§ Your instructions
Show all lines from the records below in which the string "that" is present.

§ Record set
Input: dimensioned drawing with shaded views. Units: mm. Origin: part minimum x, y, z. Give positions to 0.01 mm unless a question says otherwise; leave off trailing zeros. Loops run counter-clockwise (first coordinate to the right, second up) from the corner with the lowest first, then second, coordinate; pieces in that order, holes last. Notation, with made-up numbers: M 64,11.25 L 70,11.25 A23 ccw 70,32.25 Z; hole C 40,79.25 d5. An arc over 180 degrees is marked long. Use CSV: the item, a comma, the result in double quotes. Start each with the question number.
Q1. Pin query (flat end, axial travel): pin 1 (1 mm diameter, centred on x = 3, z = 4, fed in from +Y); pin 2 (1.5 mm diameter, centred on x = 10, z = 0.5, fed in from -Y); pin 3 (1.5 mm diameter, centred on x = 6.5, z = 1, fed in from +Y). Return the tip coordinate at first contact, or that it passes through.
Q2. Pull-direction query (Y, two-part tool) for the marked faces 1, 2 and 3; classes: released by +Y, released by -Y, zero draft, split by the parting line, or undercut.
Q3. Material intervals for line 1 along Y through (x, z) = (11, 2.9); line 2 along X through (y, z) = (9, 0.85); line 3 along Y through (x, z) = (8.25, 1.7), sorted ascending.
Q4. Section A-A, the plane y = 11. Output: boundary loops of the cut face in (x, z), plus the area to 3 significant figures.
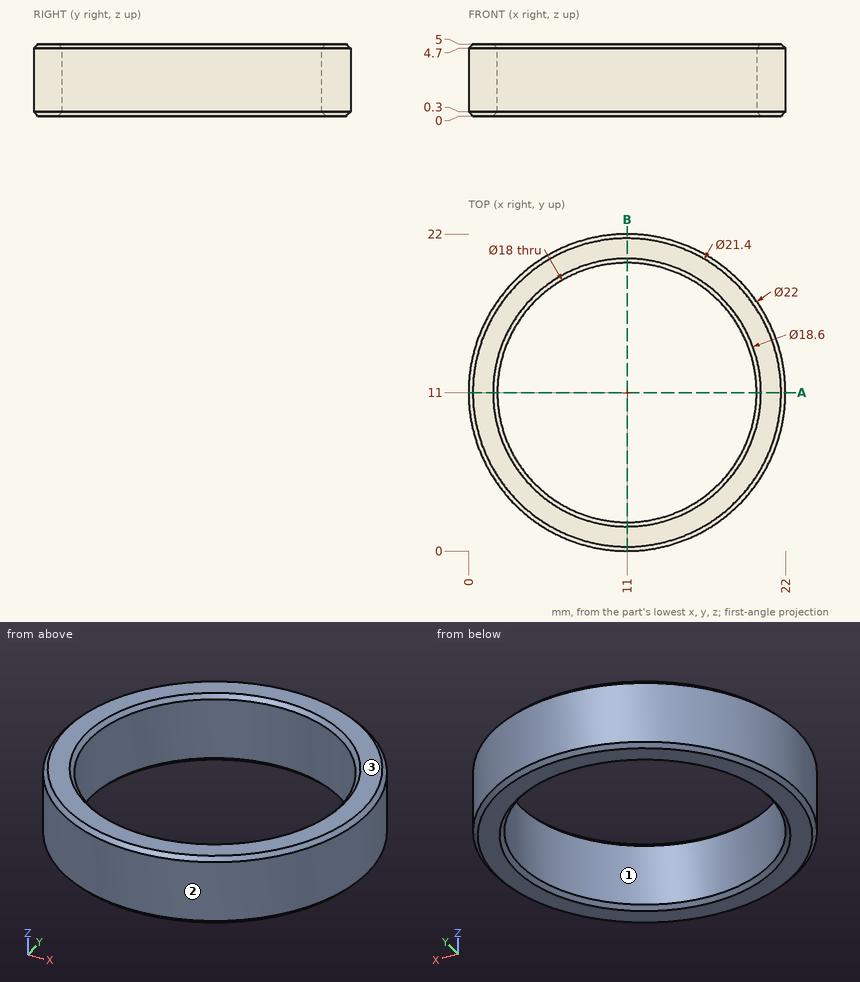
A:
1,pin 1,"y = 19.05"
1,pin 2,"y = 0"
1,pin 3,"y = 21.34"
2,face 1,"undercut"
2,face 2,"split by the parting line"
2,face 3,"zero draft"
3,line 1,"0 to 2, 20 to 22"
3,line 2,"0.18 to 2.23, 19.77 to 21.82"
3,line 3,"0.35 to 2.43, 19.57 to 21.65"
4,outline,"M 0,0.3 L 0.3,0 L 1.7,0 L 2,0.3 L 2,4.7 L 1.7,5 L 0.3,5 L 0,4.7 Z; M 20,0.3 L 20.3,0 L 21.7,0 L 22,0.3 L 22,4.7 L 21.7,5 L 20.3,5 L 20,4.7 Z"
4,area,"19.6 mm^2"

§ Solution to this task
Input: dimensioned drawing with shaded views. Units: mm. Origin: part minimum x, y, z. Give positions to 0.01 mm unless a question says otherwise; leave off trailing zeros. Loops run counter-clockwise (first coordinate to the right, second up) from the corner with the lowest first, then second, coordinate; pieces in that order, holes last. Notation, with made-up numbers: M 64,11.25 L 70,11.25 A23 ccw 70,32.25 Z; hole C 40,79.25 d5. An arc over 180 degrees is marked long. Use CSV: the item, a comma, the result in double quotes. Start each with the question number.
Q1. Pin query (flat end, axial travel): pin 1 (1 mm diameter, centred on x = 3, z = 4, fed in from +Y); pin 2 (1.5 mm diameter, centred on x = 10, z = 0.5, fed in from -Y); pin 3 (1.5 mm diameter, centred on x = 6.5, z = 1, fed in from +Y). Return the tip coordinate at first contact, or that it passes through.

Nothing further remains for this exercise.